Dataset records

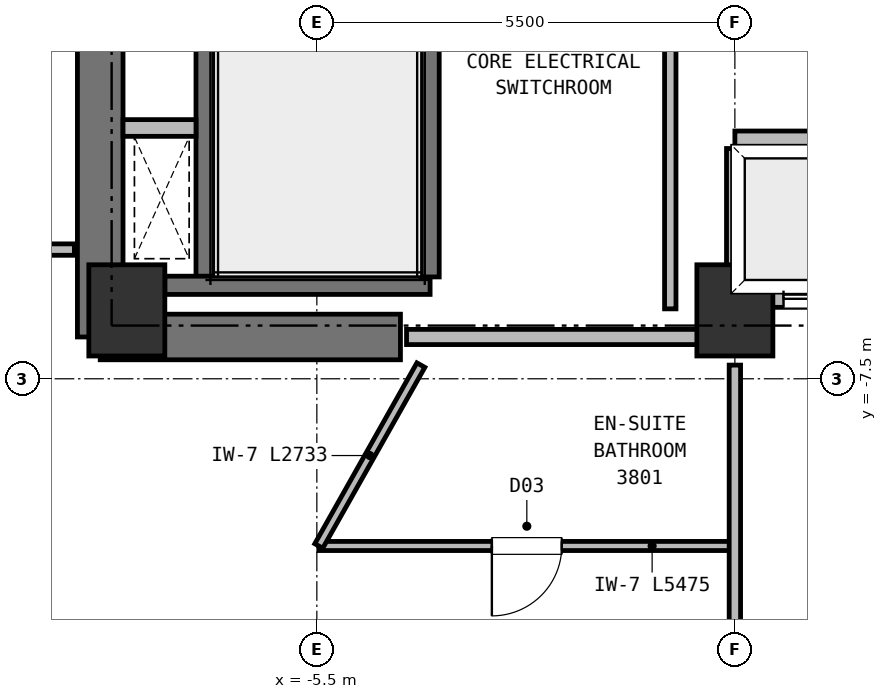
"""IFC4 building model, lengths in metres.
Left out: names, types, materials, properties, quantities, classifications, styles, units other than length and angle.
Written with IfcOpenShell. Run it as: python <this file> out.ifc"""

import sys

from ifc_helpers import new_model, si_unit, direction, frame, frame_2d, origin, origin_2d, place, context, subcontext, project, spatial, rectangle, extrude, element, fill, save


model = new_model("IFC4")
c1 = context("Model", 3, precision=1e-05, world=origin(), true_north=direction((0.0, 1.0)))
c2 = subcontext(c1, "Body", "Model", "MODEL_VIEW")
j1 = project(units=[si_unit("LENGTHUNIT", "METRE"), si_unit("PLANEANGLEUNIT", "RADIAN")], contexts=[c1])
p1 = place(None, origin())
s1 = spatial("IfcSite", under=j1, at=p1, CompositionType="ELEMENT")
p2 = place(p1, origin())
s2 = spatial("IfcBuilding", under=s1, at=p2, CompositionType="ELEMENT")
p3 = place(p2, frame((0.0, 0.0, 142.25)))
s3 = spatial("IfcBuildingStorey", under=s2, at=p3, CompositionType="ELEMENT", Elevation=142.25)
for number, where, z_axis, x_axis in (
    (1, (-8.0, -6.6, 0.0), (0.0, 0.0, 1.0), (1.0, 0.0, 0.0)),
    (2, (0.0, -6.6, 0.0), (0.0, 0.0, 1.0), (1.0, 0.0, 0.0)),
):
    element("IfcColumn", number, at=place(p3, frame(where, z_axis=z_axis, x_axis=x_axis)), inside=s3, PredefinedType="COLUMN", context=c2, shape_type="SweptSolid", body=[
        extrude(rectangle(XDim=1.0, YDim=1.2, at=origin_2d()), origin(), (0.0, 0.0, 1.0), 3.75),
    ])
p4 = place(p3, frame((-8.35, -6.95, 0.0), z_axis=(0.0, 0.0, 1.0), x_axis=(1.0, 0.0, 0.0)))
e3 = element("IfcWall", 3, at=p4, inside=s3, PredefinedType="SHEAR", context=c2, shape_type="SweptSolid", body=[
    extrude(rectangle(XDim=3.95, YDim=0.6, at=frame_2d((1.975, 0.0))), origin(), (0.0, 0.0, 1.0), 3.5),
])
p5 = place(p3, frame((-8.35, -6.95, 0.0), z_axis=(0.0, 0.0, 1.0), x_axis=(0.0, 1.0, 0.0)))
e4 = element("IfcWall", 4, at=p5, inside=s3, PredefinedType="SHEAR", context=c2, shape_type="SweptSolid", body=[
    extrude(rectangle(XDim=8.1, YDim=0.6, at=frame_2d((4.05, 0.0))), origin(), (0.0, 0.0, 1.0), 3.5),
])
p6 = place(p3, frame((-6.97, -6.16, 0.0), z_axis=(0.0, 0.0, 1.0), x_axis=(0.0, 1.0, 0.0)))
e5 = element("IfcWall", 5, at=p6, inside=s3, PredefinedType="SHEAR", context=c2, shape_type="SweptSolid", body=[
    extrude(rectangle(XDim=7.22, YDim=0.24, at=frame_2d((3.61, 0.0))), origin(), (0.0, 0.0, 1.0), 3.5),
])
p7 = place(p3, frame((-7.5, -6.27, 0.0), z_axis=(0.0, 0.0, 1.0), x_axis=(1.0, 0.0, 0.0)))
e6 = element("IfcWall", 6, at=p7, inside=s3, PredefinedType="SHEAR", context=c2, shape_type="SweptSolid", body=[
    extrude(rectangle(XDim=3.49, YDim=0.24, at=frame_2d((1.745, 0.0))), origin(), (0.0, 0.0, 1.0), 3.5),
])
p8 = place(p3, frame((-4.01, -6.16, 0.0), z_axis=(0.0, 0.0, 1.0), x_axis=(0.0, 1.0, 0.0)))
e7 = element("IfcWall", 7, at=p8, inside=s3, PredefinedType="SHEAR", context=c2, shape_type="SweptSolid", body=[
    extrude(rectangle(XDim=7.22, YDim=0.24, at=frame_2d((3.61, 0.0))), origin(), (0.0, 0.0, 1.0), 3.5),
])
p9 = place(p3, frame((-8.05, -4.2, 0.0), z_axis=(0.0, 0.0, 1.0), x_axis=(1.0, 0.0, 0.0)))
e8 = element("IfcWall", 8, at=p9, inside=s3, PredefinedType="PARTITIONING", context=c2, shape_type="SweptSolid", body=[
    extrude(rectangle(XDim=0.96, YDim=0.22, at=frame_2d((0.48, 0.0))), origin(), (0.0, 0.0, 1.0), 3.5),
])
p10 = place(p3, frame((0.0, -6.45, 0.0), z_axis=(0.0, 0.0, 1.0), x_axis=(1.0, 0.0, 0.0)))
e9 = element("IfcWall", 9, at=p10, inside=s3, PredefinedType="PARTITIONING", context=c2, shape_type="SweptSolid", body=[
    extrude(rectangle(XDim=1.86, YDim=0.22, at=frame_2d((0.93, 0.0))), origin(), (0.0, 0.0, 1.0), 3.12),
])
p11 = place(p10, frame((0.64, 0.0, 0.0)))
e10 = element("IfcOpeningElement", 10, at=p11, cuts=e9, PredefinedType="OPENING", context=c2, shape_type="SweptSolid", body=[
    extrude(rectangle(XDim=1.08, YDim=2.15, at=frame_2d((0.54, 1.075))), frame((0.0, 0.12, 0.0), z_axis=(0.0, -1.0, 0.0), x_axis=(1.0, 0.0, 0.0)), (0.0, 0.0, 1.0), 0.24),
])
for number, where, z_axis, x_axis in (
    (11, (0.0, -4.35, 0.0), (0.0, 0.0, 1.0), (1.0, 0.0, 0.0)),
    (12, (0.0, -6.33, 0.0), (0.0, 0.0, 1.0), (0.0, 1.0, 0.0)),
):
    element("IfcWall", number, at=place(p3, frame(where, z_axis=z_axis, x_axis=x_axis)), inside=s3, PredefinedType="PARTITIONING", context=c2, shape_type="SweptSolid", body=[
        extrude(rectangle(XDim=1.86, YDim=0.22, at=frame_2d((0.93, 0.0))), origin(), (0.0, 0.0, 1.0), 3.5),
    ])
p12 = place(p3, frame((-4.32, -6.95, 0.0), z_axis=(0.0, 0.0, 1.0), x_axis=(1.0, 0.0, 0.0)))
e13 = element("IfcWall", 13, at=p12, inside=s3, PredefinedType="PARTITIONING", context=c2, shape_type="SweptSolid", body=[
    extrude(rectangle(XDim=4.32, YDim=0.2, at=frame_2d((2.16, 0.0))), origin(), (0.0, 0.0, 1.0), 3.5),
])
p13 = place(p3, frame((-0.85, -6.58, 0.0), z_axis=(0.0, 0.0, 1.0), x_axis=(0.0, 1.0, 0.0)))
e14 = element("IfcWall", 14, at=p13, inside=s3, PredefinedType="PARTITIONING", context=c2, shape_type="SweptSolid", body=[
    extrude(rectangle(XDim=7.53, YDim=0.15, at=frame_2d((3.765, 0.0))), origin(), (0.0, 0.0, 1.0), 3.5),
])
p14 = place(p3, frame((-8.69, -5.8, 0.0), z_axis=(0.0, 0.0, 1.0), x_axis=(-1.0, 0.0, 0.0)))
e15 = element("IfcWall", 15, at=p14, inside=s3, PredefinedType="PARTITIONING", context=c2, shape_type="SweptSolid", body=[
    extrude(rectangle(XDim=2.02, YDim=0.15, at=frame_2d((1.01, 0.0))), origin(), (0.0, 0.0, 1.0), 3.5),
])
p15 = place(p14, frame((0.52, 0.0, 0.0)))
e16 = element("IfcOpeningElement", 16, at=p15, cuts=e15, PredefinedType="OPENING", context=c2, shape_type="SweptSolid", body=[
    extrude(rectangle(XDim=1.06, YDim=2.15, at=frame_2d((0.53, 1.075))), frame((0.0, 0.085, 0.0), z_axis=(0.0, -1.0, 0.0), x_axis=(1.0, 0.0, 0.0)), (0.0, 0.0, 1.0), 0.17),
])
p16 = place(p3, frame((0.0, -9.7, 0.0), z_axis=(0.0, 0.0, 1.0), x_axis=(-1.0, 0.0, 0.0)))
e17 = element("IfcWall", 17, at=p16, inside=s3, PredefinedType="PARTITIONING", context=c2, shape_type="SweptSolid", body=[
    extrude(rectangle(XDim=5.475, YDim=0.12, at=frame_2d((2.737, 0.0))), origin(), (0.0, 0.0, 1.0), 3.5),
])
p17 = place(p16, frame((2.277, 0.0, 0.0)))
e18 = element("IfcOpeningElement", 18, at=p17, cuts=e17, PredefinedType="OPENING", context=c2, shape_type="SweptSolid", body=[
    extrude(rectangle(XDim=0.92, YDim=2.1, at=frame_2d((0.46, 1.05))), frame((0.0, 0.07, 0.0), z_axis=(0.0, -1.0, 0.0), x_axis=(1.0, 0.0, 0.0)), (0.0, 0.0, 1.0), 0.14),
])
p18 = place(p3, frame((-4.131, -7.32, 0.0), z_axis=(0.0, 0.0, 1.0), x_axis=(-0.491533175525, -0.870858850422, 0.0)))
e19 = element("IfcWall", 19, at=p18, inside=s3, PredefinedType="PARTITIONING", context=c2, shape_type="SweptSolid", body=[
    extrude(rectangle(XDim=2.733, YDim=0.12, at=frame_2d((1.366, 0.0))), origin(), (0.0, 0.0, 1.0), 3.5),
])
p19 = place(p3, frame((0.0, -7.32, 0.0), z_axis=(0.0, 0.0, 1.0), x_axis=(0.0, -1.0, 0.0)))
e20 = element("IfcWall", 20, at=p19, inside=s3, PredefinedType="PARTITIONING", context=c2, shape_type="SweptSolid", body=[
    extrude(rectangle(XDim=12.184, YDim=0.15, at=frame_2d((6.092, 0.0))), origin(), (0.0, 0.0, 1.0), 3.5),
])
p20 = place(p11, origin())
e21 = element("IfcDoor", 21, at=p20, inside=s3, OperationType="DOUBLE_DOOR_SLIDING", PredefinedType="DOOR", context=c2, shape_type="SweptSolid", body=[
    extrude(rectangle(XDim=1.08, YDim=2.15, at=frame_2d((0.54, 1.075))), frame((0.0, 0.025, 0.0), z_axis=(0.0, -1.0, 0.0), x_axis=(1.0, 0.0, 0.0)), (0.0, 0.0, 1.0), 0.05),
])
fill(e10, e21)
p21 = place(p17, origin())
e22 = element("IfcDoor", 22, at=p21, inside=s3, OperationType="SINGLE_SWING_RIGHT", PredefinedType="DOOR", context=c2, shape_type="SweptSolid", body=[
    extrude(rectangle(XDim=0.92, YDim=2.1, at=frame_2d((0.46, 1.05))), frame((0.0, 0.025, 0.0), z_axis=(0.0, -1.0, 0.0), x_axis=(1.0, 0.0, 0.0)), (0.0, 0.0, 1.0), 0.05),
])
fill(e18, e22)
save(model, sys.argv[1])

### Task prompt
Copy each line from the entries above that has the word "units" in it.

### Final answer
Left out: names, types, materials, properties, quantities, classifications, styles, units other than length and angle.
j1 = project(units=[si_unit("LENGTHUNIT", "METRE"), si_unit("PLANEANGLEUNIT", "RADIAN")], contexts=[c1])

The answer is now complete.